[Task goal]
Number of lines below with "contexts": work it out and reply with that number only.

Data for this exercise Block Start

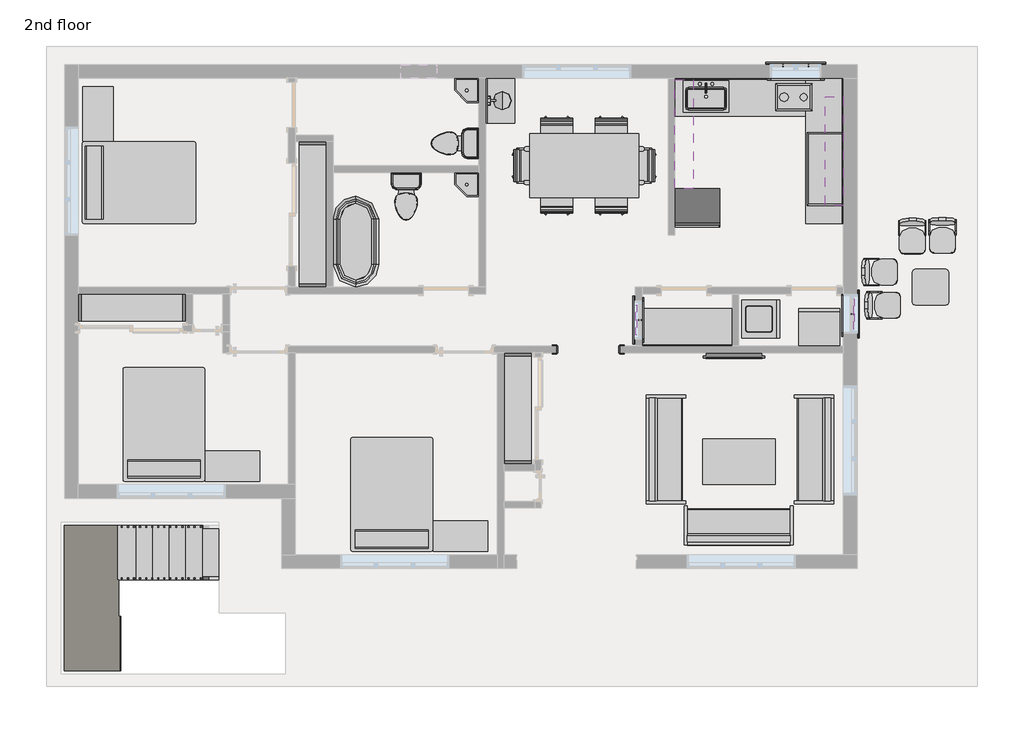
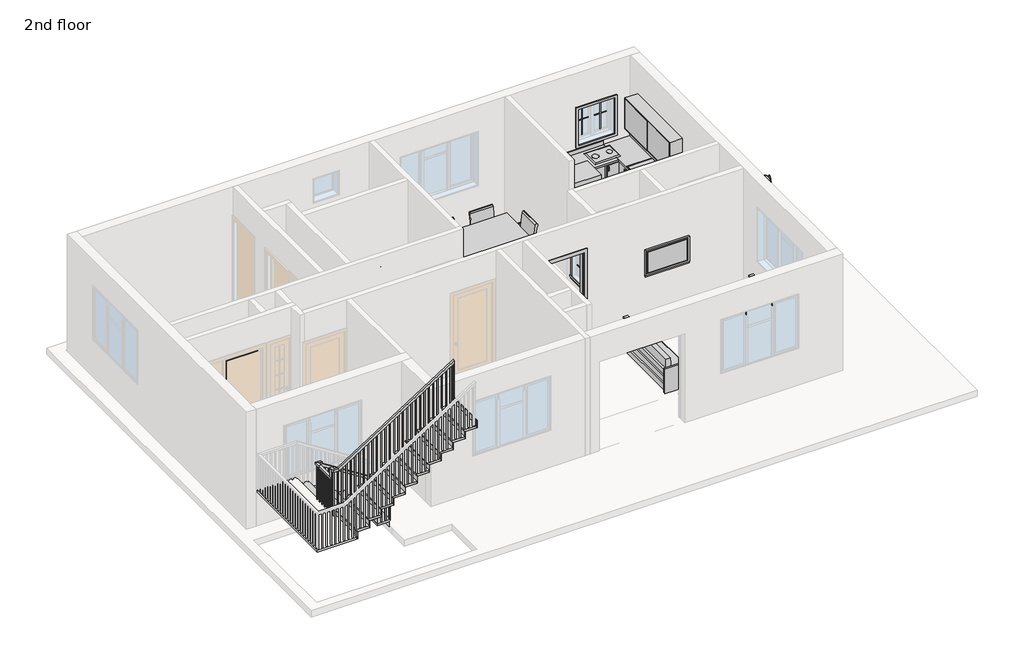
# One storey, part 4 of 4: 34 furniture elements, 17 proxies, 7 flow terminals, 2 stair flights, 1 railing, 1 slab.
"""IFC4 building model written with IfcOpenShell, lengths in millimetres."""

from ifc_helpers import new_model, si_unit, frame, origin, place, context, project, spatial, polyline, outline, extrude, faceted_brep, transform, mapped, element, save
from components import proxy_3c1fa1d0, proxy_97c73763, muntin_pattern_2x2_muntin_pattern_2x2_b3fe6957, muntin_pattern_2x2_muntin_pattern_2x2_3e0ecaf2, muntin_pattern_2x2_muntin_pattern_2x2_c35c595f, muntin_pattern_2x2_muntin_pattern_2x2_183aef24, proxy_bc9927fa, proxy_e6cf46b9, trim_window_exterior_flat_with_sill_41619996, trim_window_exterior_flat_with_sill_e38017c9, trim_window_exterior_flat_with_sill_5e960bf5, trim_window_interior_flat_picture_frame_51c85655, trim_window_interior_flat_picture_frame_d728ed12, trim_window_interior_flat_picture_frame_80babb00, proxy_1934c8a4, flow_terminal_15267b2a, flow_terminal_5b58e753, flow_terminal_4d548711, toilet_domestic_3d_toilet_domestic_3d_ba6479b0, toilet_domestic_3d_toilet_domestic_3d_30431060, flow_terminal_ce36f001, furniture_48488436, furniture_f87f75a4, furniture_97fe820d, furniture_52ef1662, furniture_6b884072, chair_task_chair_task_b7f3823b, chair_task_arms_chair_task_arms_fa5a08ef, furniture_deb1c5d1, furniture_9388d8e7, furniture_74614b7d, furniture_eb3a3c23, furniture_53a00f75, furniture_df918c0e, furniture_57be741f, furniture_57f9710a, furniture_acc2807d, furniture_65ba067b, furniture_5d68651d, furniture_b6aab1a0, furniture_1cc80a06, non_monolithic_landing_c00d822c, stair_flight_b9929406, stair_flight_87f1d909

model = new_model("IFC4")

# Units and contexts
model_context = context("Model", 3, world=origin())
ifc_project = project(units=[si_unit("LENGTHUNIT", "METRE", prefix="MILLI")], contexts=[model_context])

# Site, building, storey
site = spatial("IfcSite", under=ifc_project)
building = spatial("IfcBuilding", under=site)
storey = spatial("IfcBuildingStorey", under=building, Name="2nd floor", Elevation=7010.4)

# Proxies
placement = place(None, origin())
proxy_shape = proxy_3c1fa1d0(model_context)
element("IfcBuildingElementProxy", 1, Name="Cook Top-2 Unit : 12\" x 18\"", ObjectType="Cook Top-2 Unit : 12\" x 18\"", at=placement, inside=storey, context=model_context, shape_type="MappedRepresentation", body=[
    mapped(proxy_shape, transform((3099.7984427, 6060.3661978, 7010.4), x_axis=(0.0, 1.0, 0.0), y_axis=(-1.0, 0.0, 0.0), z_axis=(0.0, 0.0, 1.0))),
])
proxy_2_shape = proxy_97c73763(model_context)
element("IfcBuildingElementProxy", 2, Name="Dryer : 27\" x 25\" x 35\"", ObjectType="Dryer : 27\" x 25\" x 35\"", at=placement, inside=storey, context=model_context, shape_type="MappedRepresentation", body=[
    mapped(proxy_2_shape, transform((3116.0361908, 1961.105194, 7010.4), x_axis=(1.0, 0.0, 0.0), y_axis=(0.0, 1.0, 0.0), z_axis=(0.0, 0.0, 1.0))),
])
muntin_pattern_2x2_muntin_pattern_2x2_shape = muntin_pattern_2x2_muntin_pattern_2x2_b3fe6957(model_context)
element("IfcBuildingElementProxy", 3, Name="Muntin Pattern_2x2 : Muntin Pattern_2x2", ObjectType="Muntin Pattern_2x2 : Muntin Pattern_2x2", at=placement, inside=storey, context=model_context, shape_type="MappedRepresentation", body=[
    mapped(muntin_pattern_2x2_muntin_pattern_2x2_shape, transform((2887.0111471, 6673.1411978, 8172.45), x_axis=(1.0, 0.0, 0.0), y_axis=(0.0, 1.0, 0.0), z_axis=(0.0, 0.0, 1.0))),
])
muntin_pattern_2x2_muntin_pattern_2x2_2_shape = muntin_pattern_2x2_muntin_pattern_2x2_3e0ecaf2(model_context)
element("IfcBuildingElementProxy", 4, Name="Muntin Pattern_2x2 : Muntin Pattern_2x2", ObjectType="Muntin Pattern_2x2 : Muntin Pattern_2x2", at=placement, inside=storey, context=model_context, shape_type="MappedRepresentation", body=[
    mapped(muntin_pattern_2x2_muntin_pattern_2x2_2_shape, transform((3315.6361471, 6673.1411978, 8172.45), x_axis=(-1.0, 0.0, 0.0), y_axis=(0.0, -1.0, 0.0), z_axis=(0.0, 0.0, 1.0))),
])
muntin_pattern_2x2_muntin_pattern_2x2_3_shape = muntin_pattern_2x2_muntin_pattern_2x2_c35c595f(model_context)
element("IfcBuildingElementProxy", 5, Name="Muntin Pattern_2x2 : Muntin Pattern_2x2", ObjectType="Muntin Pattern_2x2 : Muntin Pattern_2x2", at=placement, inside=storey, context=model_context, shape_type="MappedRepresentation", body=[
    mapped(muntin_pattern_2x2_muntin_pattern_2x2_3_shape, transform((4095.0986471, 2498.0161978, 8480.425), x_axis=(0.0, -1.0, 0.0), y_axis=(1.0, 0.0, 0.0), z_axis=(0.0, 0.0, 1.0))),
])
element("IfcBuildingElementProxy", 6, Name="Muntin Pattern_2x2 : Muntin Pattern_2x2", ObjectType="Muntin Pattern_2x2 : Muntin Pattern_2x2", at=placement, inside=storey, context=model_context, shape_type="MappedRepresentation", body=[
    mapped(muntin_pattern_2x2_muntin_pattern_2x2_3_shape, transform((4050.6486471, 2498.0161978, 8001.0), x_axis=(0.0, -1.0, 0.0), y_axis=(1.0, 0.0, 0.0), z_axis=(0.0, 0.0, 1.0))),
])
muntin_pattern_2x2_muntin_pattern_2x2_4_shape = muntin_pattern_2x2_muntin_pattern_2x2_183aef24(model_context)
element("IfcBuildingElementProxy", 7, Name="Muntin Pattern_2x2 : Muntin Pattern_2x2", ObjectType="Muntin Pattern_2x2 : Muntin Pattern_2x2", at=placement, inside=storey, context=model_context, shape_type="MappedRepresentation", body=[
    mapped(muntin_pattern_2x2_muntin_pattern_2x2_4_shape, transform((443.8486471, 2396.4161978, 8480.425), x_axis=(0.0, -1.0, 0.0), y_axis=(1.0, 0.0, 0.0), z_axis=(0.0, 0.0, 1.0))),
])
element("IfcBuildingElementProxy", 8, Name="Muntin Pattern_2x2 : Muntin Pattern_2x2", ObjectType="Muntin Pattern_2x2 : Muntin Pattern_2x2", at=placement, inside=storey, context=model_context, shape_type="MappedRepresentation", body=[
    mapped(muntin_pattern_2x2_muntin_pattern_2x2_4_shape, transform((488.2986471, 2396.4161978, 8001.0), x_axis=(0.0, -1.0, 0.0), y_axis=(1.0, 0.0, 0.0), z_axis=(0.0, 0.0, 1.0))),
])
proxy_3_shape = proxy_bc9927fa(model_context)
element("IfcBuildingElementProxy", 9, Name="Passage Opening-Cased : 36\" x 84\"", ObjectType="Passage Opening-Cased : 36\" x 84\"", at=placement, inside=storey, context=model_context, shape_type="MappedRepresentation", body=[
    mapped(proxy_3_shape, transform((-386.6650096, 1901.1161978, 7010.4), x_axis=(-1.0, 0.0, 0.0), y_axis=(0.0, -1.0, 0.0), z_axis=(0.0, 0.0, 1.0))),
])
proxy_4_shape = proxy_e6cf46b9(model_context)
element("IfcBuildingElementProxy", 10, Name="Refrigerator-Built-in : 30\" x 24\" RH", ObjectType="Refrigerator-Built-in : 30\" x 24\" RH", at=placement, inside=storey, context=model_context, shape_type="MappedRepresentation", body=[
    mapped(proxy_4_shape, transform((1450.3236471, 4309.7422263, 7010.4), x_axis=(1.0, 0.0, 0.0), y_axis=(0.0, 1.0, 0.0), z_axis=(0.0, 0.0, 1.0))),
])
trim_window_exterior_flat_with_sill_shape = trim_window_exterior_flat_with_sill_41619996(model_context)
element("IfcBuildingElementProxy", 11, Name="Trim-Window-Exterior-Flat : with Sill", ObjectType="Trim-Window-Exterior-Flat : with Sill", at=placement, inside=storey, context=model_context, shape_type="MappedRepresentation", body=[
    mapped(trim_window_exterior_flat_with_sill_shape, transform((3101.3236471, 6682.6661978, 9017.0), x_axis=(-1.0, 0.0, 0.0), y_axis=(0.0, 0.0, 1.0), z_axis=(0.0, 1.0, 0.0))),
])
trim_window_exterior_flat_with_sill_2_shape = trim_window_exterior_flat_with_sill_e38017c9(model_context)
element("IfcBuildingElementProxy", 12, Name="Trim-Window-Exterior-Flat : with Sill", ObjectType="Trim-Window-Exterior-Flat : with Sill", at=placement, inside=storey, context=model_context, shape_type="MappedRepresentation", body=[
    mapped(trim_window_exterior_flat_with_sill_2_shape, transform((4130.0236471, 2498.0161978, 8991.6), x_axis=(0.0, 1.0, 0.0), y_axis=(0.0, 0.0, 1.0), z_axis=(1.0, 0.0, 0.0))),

Data for this exercise Block End

[Output for this exercise]
2